→ **Problem statement**
From the line holding "fill(e31, e49)" to the final line of the entries, set down each line exactly, including both, and nothing more.

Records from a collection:
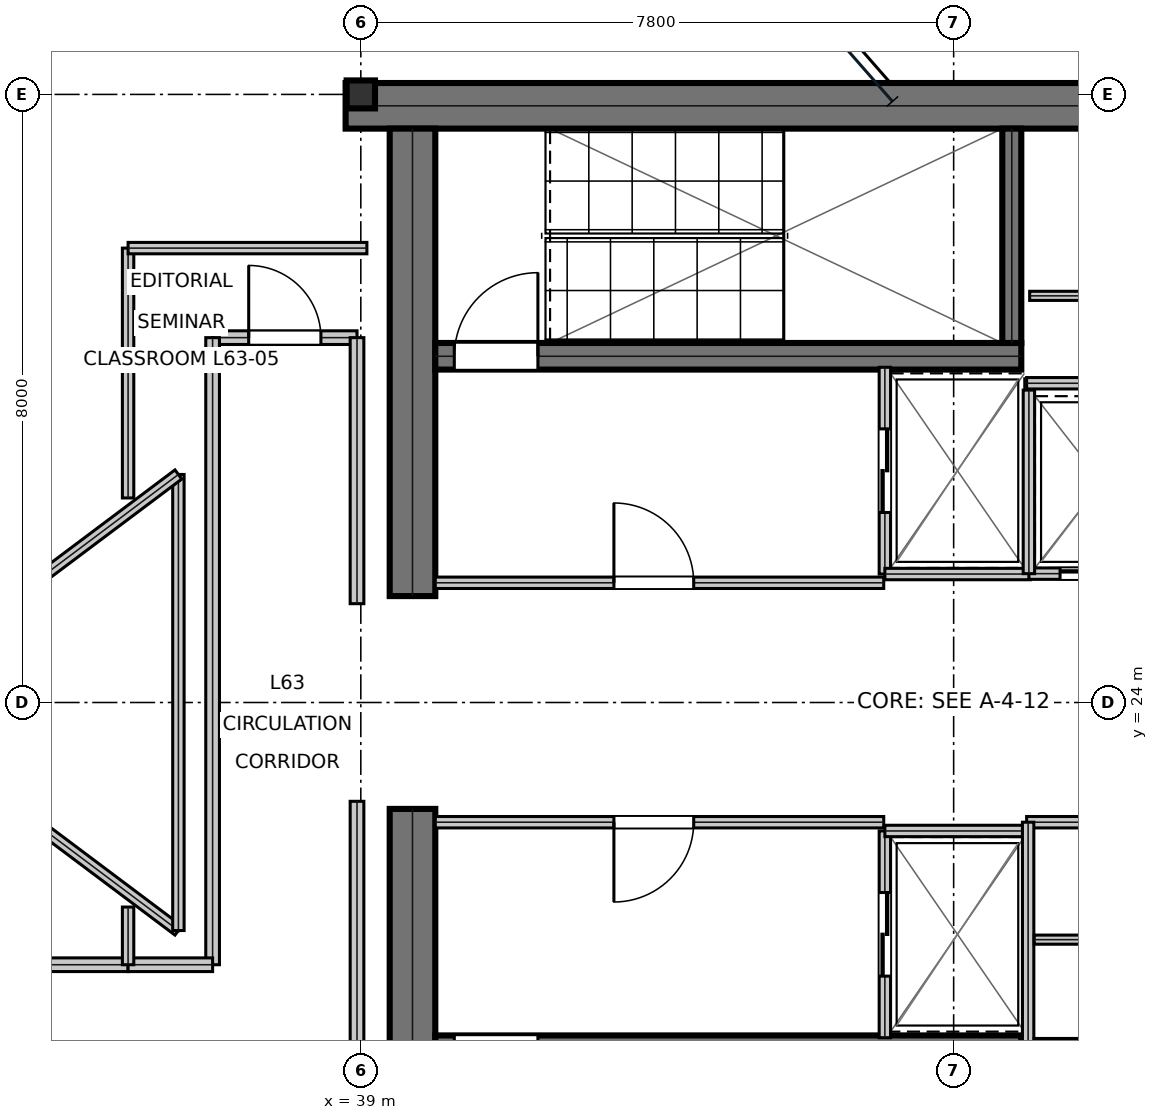
"""IFC4 building model, lengths in metres.
Left out: names, types, materials, properties, quantities, classifications, styles, units other than length and angle.
Written with IfcOpenShell. Run it as: python <this file> out.ifc"""

import sys

from ifc_helpers import new_model, si_unit, direction, frame, frame_2d, origin, origin_2d, place, context, subcontext, project, spatial, rectangle, i_section, extrude, element, fill, save


model = new_model("IFC4")
c1 = context("Model", 3, precision=1e-05, world=origin(), true_north=direction((0.0, 1.0)))
c2 = subcontext(c1, "Body", "Model", "MODEL_VIEW")
j1 = project(units=[si_unit("LENGTHUNIT", "METRE"), si_unit("PLANEANGLEUNIT", "RADIAN")], contexts=[c1])
p1 = place(None, origin())
s1 = spatial("IfcSite", under=j1, at=p1, CompositionType="ELEMENT")
p2 = place(p1, origin())
s2 = spatial("IfcBuilding", under=s1, at=p2, CompositionType="ELEMENT")
p3 = place(p2, frame((0.0, 0.0, 270.9)))
s3 = spatial("IfcBuildingStorey", under=s2, at=p3, CompositionType="ELEMENT", Elevation=270.9)
p4 = place(p3, frame((38.8, 31.85, 0.0), z_axis=(0.0, 0.0, 1.0), x_axis=(1.0, 0.0, 0.0)))
e1 = element("IfcWall", 1, at=p4, inside=s3, PredefinedType="SHEAR", context=c2, shape_type="SweptSolid", body=[
    extrude(rectangle(XDim=16.0, YDim=0.6, at=frame_2d((8.0, 0.0))), origin(), (0.0, 0.0, 1.0), 3.81),
])
for number, where, z_axis, x_axis in (
    (2, (39.68, 16.45, 0.0), (0.0, 0.0, 1.0), (0.0, 1.0, 0.0)),
    (3, (39.68, 25.4, 0.0), (0.0, 0.0, 1.0), (0.0, 1.0, 0.0)),
):
    element("IfcWall", number, at=place(p3, frame(where, z_axis=z_axis, x_axis=x_axis)), inside=s3, PredefinedType="SHEAR", context=c2, shape_type="SweptSolid", body=[
        extrude(rectangle(XDim=6.15, YDim=0.6, at=frame_2d((3.075, 0.0))), origin(), (0.0, 0.0, 1.0), 3.81),
    ])
p5 = place(p3, frame((39.98, 28.555, 0.0), z_axis=(0.0, 0.0, 1.0), x_axis=(1.0, 0.0, 0.0)))
e4 = element("IfcWall", 4, at=p5, inside=s3, PredefinedType="SHEAR", context=c2, shape_type="SweptSolid", body=[
    extrude(rectangle(XDim=7.71, YDim=0.35, at=frame_2d((3.855, 0.0))), origin(), (0.0, 0.0, 1.0), 3.81),
])
p6 = place(p5, frame((0.25, 0.0, 0.0)))
e5 = element("IfcOpeningElement", 5, at=p6, cuts=e4, PredefinedType="OPENING", context=c2, shape_type="SweptSolid", body=[
    extrude(rectangle(XDim=1.1, YDim=2.15, at=frame_2d((0.55, 1.075))), frame((0.0, 0.185, 0.0), z_axis=(0.0, -1.0, 0.0), x_axis=(1.0, 0.0, 0.0)), (0.0, 0.0, 1.0), 0.37),
])
p7 = place(p3, frame((39.98, 19.445, 0.0), z_axis=(0.0, 0.0, 1.0), x_axis=(1.0, 0.0, 0.0)))
e6 = element("IfcWall", 6, at=p7, inside=s3, PredefinedType="SHEAR", context=c2, shape_type="SweptSolid", body=[
    extrude(rectangle(XDim=7.71, YDim=0.35, at=frame_2d((3.855, 0.0))), origin(), (0.0, 0.0, 1.0), 3.81),
])
p8 = place(p7, frame((0.25, 0.0, 0.0)))
e7 = element("IfcOpeningElement", 7, at=p8, cuts=e6, PredefinedType="OPENING", context=c2, shape_type="SweptSolid", body=[
    extrude(rectangle(XDim=1.1, YDim=2.15, at=frame_2d((0.55, 1.075))), frame((0.0, 0.185, 0.0), z_axis=(0.0, -1.0, 0.0), x_axis=(1.0, 0.0, 0.0)), (0.0, 0.0, 1.0), 0.37),
])
p9 = place(p3, frame((47.565, 28.73, 0.0), z_axis=(0.0, 0.0, 1.0), x_axis=(0.0, 1.0, 0.0)))
e8 = element("IfcWall", 8, at=p9, inside=s3, PredefinedType="SHEAR", context=c2, shape_type="SweptSolid", body=[
    extrude(rectangle(XDim=2.82, YDim=0.25, at=frame_2d((1.41, 0.0))), origin(), (0.0, 0.0, 1.0), 3.81),
])
p10 = place(p3, frame((39.0, 32.0, 0.0), z_axis=(0.0, 0.0, 1.0), x_axis=(1.0, 0.0, 0.0)))
e9 = element("IfcColumn", 9, at=p10, inside=s3, PredefinedType="COLUMN", context=c2, shape_type="SweptSolid", body=[
    extrude(i_section(OverallWidth=0.373, OverallDepth=0.368, WebThickness=0.015, FlangeThickness=0.024, at=origin_2d()), origin(), (0.0, 0.0, 1.0), 4.044),
])
p11 = place(p3, frame((39.98, 25.575, 0.0), z_axis=(0.0, 0.0, 1.0), x_axis=(1.0, 0.0, 0.0)))
e10 = element("IfcWall", 10, at=p11, inside=s3, PredefinedType="PARTITIONING", context=c2, shape_type="SweptSolid", body=[
    extrude(rectangle(XDim=5.9, YDim=0.15, at=frame_2d((2.95, 0.0))), origin(), (0.0, 0.0, 1.0), 3.81),
])
p12 = place(p11, frame((2.35, 0.0, 0.0)))
e11 = element("IfcOpeningElement", 11, at=p12, cuts=e10, PredefinedType="OPENING", context=c2, shape_type="SweptSolid", body=[
    extrude(rectangle(XDim=1.05, YDim=2.15, at=frame_2d((0.525, 1.075))), frame((0.0, 0.085, 0.0), z_axis=(0.0, -1.0, 0.0), x_axis=(1.0, 0.0, 0.0)), (0.0, 0.0, 1.0), 0.17),
])
p13 = place(p3, frame((39.98, 22.425, 0.0), z_axis=(0.0, 0.0, 1.0), x_axis=(1.0, 0.0, 0.0)))
e12 = element("IfcWall", 12, at=p13, inside=s3, PredefinedType="PARTITIONING", context=c2, shape_type="SweptSolid", body=[
    extrude(rectangle(XDim=5.9, YDim=0.15, at=frame_2d((2.95, 0.0))), origin(), (0.0, 0.0, 1.0), 3.81),
])
p14 = place(p13, frame((2.35, 0.0, 0.0)))
e13 = element("IfcOpeningElement", 13, at=p14, cuts=e12, PredefinedType="OPENING", context=c2, shape_type="SweptSolid", body=[
    extrude(rectangle(XDim=1.05, YDim=2.15, at=frame_2d((0.525, 1.075))), frame((0.0, 0.085, 0.0), z_axis=(0.0, -1.0, 0.0), x_axis=(1.0, 0.0, 0.0)), (0.0, 0.0, 1.0), 0.17),
])
p15 = place(p3, frame((45.895, 25.69, 0.0), z_axis=(0.0, 0.0, 1.0), x_axis=(0.0, 1.0, 0.0)))
e14 = element("IfcWall", 14, at=p15, inside=s3, PredefinedType="PARTITIONING", context=c2, shape_type="SweptSolid", body=[
    extrude(rectangle(XDim=2.72, YDim=0.15, at=frame_2d((1.36, 0.0))), origin(), (0.0, 0.0, 1.0), 3.81),
])
p16 = place(p15, frame((0.81, 0.0, 0.0)))
e15 = element("IfcOpeningElement", 15, at=p16, cuts=e14, PredefinedType="OPENING", context=c2, shape_type="SweptSolid", body=[
    extrude(rectangle(XDim=1.1, YDim=2.15, at=frame_2d((0.55, 1.075))), frame((0.0, 0.085, 0.0), z_axis=(0.0, -1.0, 0.0), x_axis=(1.0, 0.0, 0.0)), (0.0, 0.0, 1.0), 0.17),
])
p17 = place(p3, frame((45.895, 25.69, 0.0), z_axis=(0.0, 0.0, 1.0), x_axis=(1.0, 0.0, 0.0)))
e16 = element("IfcWall", 16, at=p17, inside=s3, PredefinedType="PARTITIONING", context=c2, shape_type="SweptSolid", body=[
    extrude(rectangle(XDim=1.915, YDim=0.15, at=frame_2d((0.958, 0.0))), origin(), (0.0, 0.0, 1.0), 3.81),
])
p18 = place(p3, frame((45.895, 19.59, 0.0), z_axis=(0.0, 0.0, 1.0), x_axis=(0.0, 1.0, 0.0)))
e17 = element("IfcWall", 17, at=p18, inside=s3, PredefinedType="PARTITIONING", context=c2, shape_type="SweptSolid", body=[
    extrude(rectangle(XDim=2.72, YDim=0.15, at=frame_2d((1.36, 0.0))), origin(), (0.0, 0.0, 1.0), 3.81),
])
p19 = place(p18, frame((0.81, 0.0, 0.0)))
e18 = element("IfcOpeningElement", 18, at=p19, cuts=e17, PredefinedType="OPENING", context=c2, shape_type="SweptSolid", body=[
    extrude(rectangle(XDim=1.1, YDim=2.15, at=frame_2d((0.55, 1.075))), frame((0.0, 0.085, 0.0), z_axis=(0.0, -1.0, 0.0), x_axis=(1.0, 0.0, 0.0)), (0.0, 0.0, 1.0), 0.17),
])
p20 = place(p3, frame((45.895, 22.31, 0.0), z_axis=(0.0, 0.0, 1.0), x_axis=(1.0, 0.0, 0.0)))
e19 = element("IfcWall", 19, at=p20, inside=s3, PredefinedType="PARTITIONING", context=c2, shape_type="SweptSolid", body=[
    extrude(rectangle(XDim=1.915, YDim=0.15, at=frame_2d((0.958, 0.0))), origin(), (0.0, 0.0, 1.0), 3.81),
])
p21 = place(p3, frame((47.79, 25.695, 0.0), z_axis=(0.0, 0.0, 1.0), x_axis=(1.0, 0.0, 0.0)))
e20 = element("IfcWall", 20, at=p21, inside=s3, PredefinedType="PARTITIONING", context=c2, shape_type="SweptSolid", body=[
    extrude(rectangle(XDim=1.92, YDim=0.15, at=frame_2d((0.96, 0.0))), origin(), (0.0, 0.0, 1.0), 3.81),
])
p22 = place(p21, frame((0.41, 0.0, 0.0)))
e21 = element("IfcOpeningElement", 21, at=p22, cuts=e20, PredefinedType="OPENING", context=c2, shape_type="SweptSolid", body=[
    extrude(rectangle(XDim=1.1, YDim=2.15, at=frame_2d((0.55, 1.075))), frame((0.0, 0.085, 0.0), z_axis=(0.0, -1.0, 0.0), x_axis=(1.0, 0.0, 0.0)), (0.0, 0.0, 1.0), 0.17),
])
p23 = place(p3, frame((47.79, 25.695, 0.0), z_axis=(0.0, 0.0, 1.0), x_axis=(0.0, 1.0, 0.0)))
e22 = element("IfcWall", 22, at=p23, inside=s3, PredefinedType="PARTITIONING", context=c2, shape_type="SweptSolid", body=[
    extrude(rectangle(XDim=2.415, YDim=0.15, at=frame_2d((1.208, 0.0))), origin(), (0.0, 0.0, 1.0), 3.81),
])
p24 = place(p3, frame((47.76, 22.425, 0.0), z_axis=(0.0, 0.0, 1.0), x_axis=(1.0, 0.0, 0.0)))
e23 = element("IfcWall", 23, at=p24, inside=s3, PredefinedType="PARTITIONING", context=c2, shape_type="SweptSolid", body=[
    extrude(rectangle(XDim=1.96, YDim=0.15, at=frame_2d((0.98, 0.0))), origin(), (0.0, 0.0, 1.0), 3.81),
])
p25 = place(p3, frame((47.78, 16.45, 0.0), z_axis=(0.0, 0.0, 1.0), x_axis=(0.0, 1.0, 0.0)))
e24 = element("IfcWall", 24, at=p25, inside=s3, PredefinedType="PARTITIONING", context=c2, shape_type="SweptSolid", body=[
    extrude(rectangle(XDim=5.975, YDim=0.15, at=frame_2d((2.988, 0.0))), origin(), (0.0, 0.0, 1.0), 3.81),
])
for number, where, z_axis, x_axis in (
    (25, (47.86, 19.52, 0.0), (0.0, 0.0, 1.0), (1.0, 0.0, 0.0)),
    (26, (47.86, 20.88, 0.0), (0.0, 0.0, 1.0), (1.0, 0.0, 0.0)),
):
    element("IfcWall", number, at=place(p3, frame(where, z_axis=z_axis, x_axis=x_axis)), inside=s3, PredefinedType="PARTITIONING", context=c2, shape_type="SweptSolid", body=[
        extrude(rectangle(XDim=1.76, YDim=0.12, at=frame_2d((0.88, 0.0))), origin(), (0.0, 0.0, 1.0), 3.81),
    ])
p26 = place(p3, frame((47.76, 28.2, 0.0), z_axis=(0.0, 0.0, 1.0), x_axis=(1.0, 0.0, 0.0)))
e27 = element("IfcWall", 27, at=p26, inside=s3, PredefinedType="PARTITIONING", context=c2, shape_type="SweptSolid", body=[
    extrude(rectangle(XDim=2.04, YDim=0.15, at=frame_2d((1.02, 0.0))), origin(), (0.0, 0.0, 1.0), 3.81),
])
p27 = place(p3, frame((47.8, 29.35, 0.0), z_axis=(0.0, 0.0, 1.0), x_axis=(1.0, 0.0, 0.0)))
e28 = element("IfcWall", 28, at=p27, inside=s3, PredefinedType="PARTITIONING", context=c2, shape_type="SweptSolid", body=[
    extrude(rectangle(XDim=5.86, YDim=0.12, at=frame_2d((2.93, 0.0))), origin(), (0.0, 0.0, 1.0), 3.81),
])
p28 = place(p27, frame((2.6, 0.0, 0.0)))
e29 = element("IfcOpeningElement", 29, at=p28, cuts=e28, PredefinedType="OPENING", context=c2, shape_type="SweptSolid", body=[
    extrude(rectangle(XDim=0.85, YDim=2.15, at=frame_2d((0.425, 1.075))), frame((0.0, 0.07, 0.0), z_axis=(0.0, -1.0, 0.0), x_axis=(1.0, 0.0, 0.0)), (0.0, 0.0, 1.0), 0.14),
])
p29 = place(p3, frame((37.05, 28.8, 0.0), z_axis=(0.0, 0.0, 1.0), x_axis=(1.0, 0.0, 0.0)))
e30 = element("IfcWall", 30, at=p29, inside=s3, PredefinedType="SOLIDWALL", context=c2, shape_type="SweptSolid", body=[
    extrude(rectangle(XDim=1.9, YDim=0.18, at=frame_2d((0.95, 0.0))), origin(), (0.0, 0.0, 1.0), 3.81),
])
p30 = place(p29, frame((0.475, 0.0, 0.0)))
e31 = element("IfcOpeningElement", 31, at=p30, cuts=e30, PredefinedType="OPENING", context=c2, shape_type="SweptSolid", body=[
    extrude(rectangle(XDim=0.95, YDim=2.15, at=frame_2d((0.475, 1.075))), frame((0.0, 0.1, 0.0), z_axis=(0.0, -1.0, 0.0), x_axis=(1.0, 0.0, 0.0)), (0.0, 0.0, 1.0), 0.2),
])
p31 = place(p3, frame((25.895, 20.55, 0.0), z_axis=(0.0, 0.0, 1.0), x_axis=(1.0, 0.0, 0.0)))
e32 = element("IfcWall", 32, at=p31, inside=s3, PredefinedType="SOLIDWALL", context=c2, shape_type="SweptSolid", body=[
    extrude(rectangle(XDim=10.043, YDim=0.18, at=frame_2d((5.021, 0.0))), origin(), (0.0, 0.0, 1.0), 3.27),
])
p32 = place(p31, frame((4.572, 0.0, 0.0)))
e33 = element("IfcOpeningElement", 33, at=p32, cuts=e32, PredefinedType="OPENING", context=c2, shape_type="SweptSolid", body=[
    extrude(rectangle(XDim=0.9, YDim=2.15, at=frame_2d((0.45, 1.075))), frame((0.0, 0.1, 0.0), z_axis=(0.0, -1.0, 0.0), x_axis=(1.0, 0.0, 0.0)), (0.0, 0.0, 1.0), 0.2),
])
p33 = place(p3, frame((38.95, 18.8, 0.0), z_axis=(0.0, 0.0, 1.0), x_axis=(0.0, 1.0, 0.0)))
e34 = element("IfcWall", 34, at=p33, inside=s3, PredefinedType="SOLIDWALL", context=c2, shape_type="SweptSolid", body=[
    extrude(rectangle(XDim=3.9, YDim=0.18, at=frame_2d((1.95, 0.0))), origin(), (0.0, 0.0, 1.0), 3.54),
])
p34 = place(p3, frame((37.05, 20.55, 0.0), z_axis=(0.0, 0.0, 1.0), x_axis=(0.0, 1.0, 0.0)))
e35 = element("IfcWall", 35, at=p34, inside=s3, PredefinedType="SOLIDWALL", context=c2, shape_type="SweptSolid", body=[
    extrude(rectangle(XDim=8.25, YDim=0.18, at=frame_2d((4.125, 0.0))), origin(), (0.0, 0.0, 1.0), 3.54),
])
p35 = place(p3, frame((38.95, 25.3, 0.0), z_axis=(0.0, 0.0, 1.0), x_axis=(0.0, 1.0, 0.0)))
e36 = element("IfcWall", 36, at=p35, inside=s3, PredefinedType="SOLIDWALL", context=c2, shape_type="SweptSolid", body=[
    extrude(rectangle(XDim=3.5, YDim=0.18, at=frame_2d((1.75, 0.0))), origin(), (0.0, 0.0, 1.0), 3.54),
])
p36 = place(p3, frame((35.938, 20.55, 0.0), z_axis=(0.0, 0.0, 1.0), x_axis=(1.0, 0.0, 0.0)))
e37 = element("IfcWall", 37, at=p36, inside=s3, PredefinedType="SOLIDWALL", context=c2, shape_type="SweptSolid", body=[
    extrude(rectangle(XDim=1.112, YDim=0.18, at=frame_2d((0.556, 0.0))), origin(), (0.0, 0.0, 1.0), 3.54),
])
p37 = place(p3, frame((35.938, 26.691, 0.0), z_axis=(0.0, 0.0, 1.0), x_axis=(0.0, 1.0, 0.0)))
e38 = element("IfcWall", 38, at=p37, inside=s3, PredefinedType="MOVABLE", context=c2, shape_type="SweptSolid", body=[
    extrude(rectangle(XDim=3.287, YDim=0.15, at=frame_2d((1.644, 0.0))), origin(), (0.0, 0.0, 1.0), 3.54),
])
p38 = place(p3, frame((35.938, 29.978, 0.0), z_axis=(0.0, 0.0, 1.0), x_axis=(1.0, 0.0, 0.0)))
e39 = element("IfcWall", 39, at=p38, inside=s3, PredefinedType="MOVABLE", context=c2, shape_type="SweptSolid", body=[
    extrude(rectangle(XDim=3.142, YDim=0.15, at=frame_2d((1.571, 0.0))), origin(), (0.0, 0.0, 1.0), 3.54),
])
p39 = place(p3, frame((35.938, 20.55, 0.0), z_axis=(0.0, 0.0, 1.0), x_axis=(0.0, 1.0, 0.0)))
e40 = element("IfcWall", 40, at=p39, inside=s3, PredefinedType="MOVABLE", context=c2, shape_type="SweptSolid", body=[
    extrude(rectangle(XDim=0.759, YDim=0.15, at=frame_2d((0.379, 0.0))), origin(), (0.0, 0.0, 1.0), 3.81),
])
p40 = place(p3, frame((32.6, 24.0, 0.0), z_axis=(0.0, 0.0, 1.0), x_axis=(0.8, -0.6, 0.0)))
e41 = element("IfcWall", 41, at=p40, inside=s3, PredefinedType="MOVABLE", context=c2, shape_type="SweptSolid", body=[
    extrude(rectangle(XDim=5.0, YDim=0.15, at=frame_2d((2.5, 0.0))), origin(), (0.0, 0.0, 1.0), 3.81),
])
p41 = place(p3, frame((36.6, 21.0, 0.0), z_axis=(0.0, 0.0, 1.0), x_axis=(0.0, 1.0, 0.0)))
e42 = element("IfcWall", 42, at=p41, inside=s3, PredefinedType="MOVABLE", context=c2, shape_type="SweptSolid", body=[
    extrude(rectangle(XDim=6.0, YDim=0.15, at=frame_2d((3.0, 0.0))), origin(), (0.0, 0.0, 1.0), 3.81),
])
p42 = place(p3, frame((36.6, 27.0, 0.0), z_axis=(0.0, 0.0, 1.0), x_axis=(-0.8, -0.6, 0.0)))
e43 = element("IfcWall", 43, at=p42, inside=s3, PredefinedType="MOVABLE", context=c2, shape_type="SweptSolid", body=[
    extrude(rectangle(XDim=5.0, YDim=0.15, at=frame_2d((2.5, 0.0))), origin(), (0.0, 0.0, 1.0), 3.81),
])
p43 = place(p12, origin())
e44 = element("IfcDoor", 44, at=p43, inside=s3, OperationType="SINGLE_SWING_LEFT", PredefinedType="DOOR", context=c2, shape_type="SweptSolid", body=[
    extrude(rectangle(XDim=1.05, YDim=2.15, at=frame_2d((0.525, 1.075))), frame((0.0, 0.025, 0.0), z_axis=(0.0, -1.0, 0.0), x_axis=(1.0, 0.0, 0.0)), (0.0, 0.0, 1.0), 0.05),
])
fill(e11, e44)
p44 = place(p14, frame((1.05, 0.0, 0.0), z_axis=(0.0, 0.0, 1.0), x_axis=(-1.0, 0.0, 0.0)))
e45 = element("IfcDoor", 45, at=p44, inside=s3, OperationType="SINGLE_SWING_RIGHT", PredefinedType="DOOR", context=c2, shape_type="SweptSolid", body=[
    extrude(rectangle(XDim=1.05, YDim=2.15, at=frame_2d((0.525, 1.075))), frame((0.0, 0.025, 0.0), z_axis=(0.0, -1.0, 0.0), x_axis=(1.0, 0.0, 0.0)), (0.0, 0.0, 1.0), 0.05),
])
fill(e13, e45)
p45 = place(p16, frame((1.1, 0.0, 0.0), z_axis=(0.0, 0.0, 1.0), x_axis=(-1.0, 0.0, 0.0)))
e46 = element("IfcDoor", 46, at=p45, inside=s3, OperationType="DOUBLE_DOOR_SLIDING", PredefinedType="DOOR", context=c2, shape_type="SweptSolid", body=[
    extrude(rectangle(XDim=1.1, YDim=2.15, at=frame_2d((0.55, 1.075))), frame((0.0, 0.025, 0.0), z_axis=(0.0, -1.0, 0.0), x_axis=(1.0, 0.0, 0.0)), (0.0, 0.0, 1.0), 0.05),
])
fill(e15, e46)
p46 = place(p19, frame((1.1, 0.0, 0.0), z_axis=(0.0, 0.0, 1.0), x_axis=(-1.0, 0.0, 0.0)))
e47 = element("IfcDoor", 47, at=p46, inside=s3, OperationType="DOUBLE_DOOR_SLIDING", PredefinedType="DOOR", context=c2, shape_type="SweptSolid", body=[
    extrude(rectangle(XDim=1.1, YDim=2.15, at=frame_2d((0.55, 1.075))), frame((0.0, 0.025, 0.0), z_axis=(0.0, -1.0, 0.0), x_axis=(1.0, 0.0, 0.0)), (0.0, 0.0, 1.0), 0.05),
])
fill(e18, e47)
p47 = place(p22, frame((1.1, 0.0, 0.0), z_axis=(0.0, 0.0, 1.0), x_axis=(-1.0, 0.0, 0.0)))
e48 = element("IfcDoor", 48, at=p47, inside=s3, OperationType="DOUBLE_DOOR_SLIDING", PredefinedType="DOOR", context=c2, shape_type="SweptSolid", body=[
    extrude(rectangle(XDim=1.1, YDim=2.15, at=frame_2d((0.55, 1.075))), frame((0.0, 0.025, 0.0), z_axis=(0.0, -1.0, 0.0), x_axis=(1.0, 0.0, 0.0)), (0.0, 0.0, 1.0), 0.05),
])
fill(e21, e48)
p48 = place(p30, origin())
e49 = element("IfcDoor", 49, at=p48, inside=s3, OperationType="SINGLE_SWING_LEFT", PredefinedType="DOOR", context=c2, shape_type="SweptSolid", body=[
    extrude(rectangle(XDim=0.95, YDim=2.15, at=frame_2d((0.475, 1.075))), frame((0.0, 0.025, 0.0), z_axis=(0.0, -1.0, 0.0), x_axis=(1.0, 0.0, 0.0)), (0.0, 0.0, 1.0), 0.05),
])
fill(e31, e49)
p49 = place(p6, origin())
e50 = element("IfcDoor", 50, at=p49, inside=s3, OperationType="SINGLE_SWING_RIGHT", PredefinedType="DOOR", context=c2, shape_type="SweptSolid", body=[
    extrude(rectangle(XDim=1.1, YDim=2.15, at=frame_2d((0.55, 1.075))), frame((0.0, 0.025, 0.0), z_axis=(0.0, -1.0, 0.0), x_axis=(1.0, 0.0, 0.0)), (0.0, 0.0, 1.0), 0.05),
])
fill(e5, e50)
save(model, sys.argv[1])

→ **Problem solution**
fill(e31, e49)
p49 = place(p6, origin())
e50 = element("IfcDoor", 50, at=p49, inside=s3, OperationType="SINGLE_SWING_RIGHT", PredefinedType="DOOR", context=c2, shape_type="SweptSolid", body=[
    extrude(rectangle(XDim=1.1, YDim=2.15, at=frame_2d((0.55, 1.075))), frame((0.0, 0.025, 0.0), z_axis=(0.0, -1.0, 0.0), x_axis=(1.0, 0.0, 0.0)), (0.0, 0.0, 1.0), 0.05),
])
fill(e5, e50)
save(model, sys.argv[1])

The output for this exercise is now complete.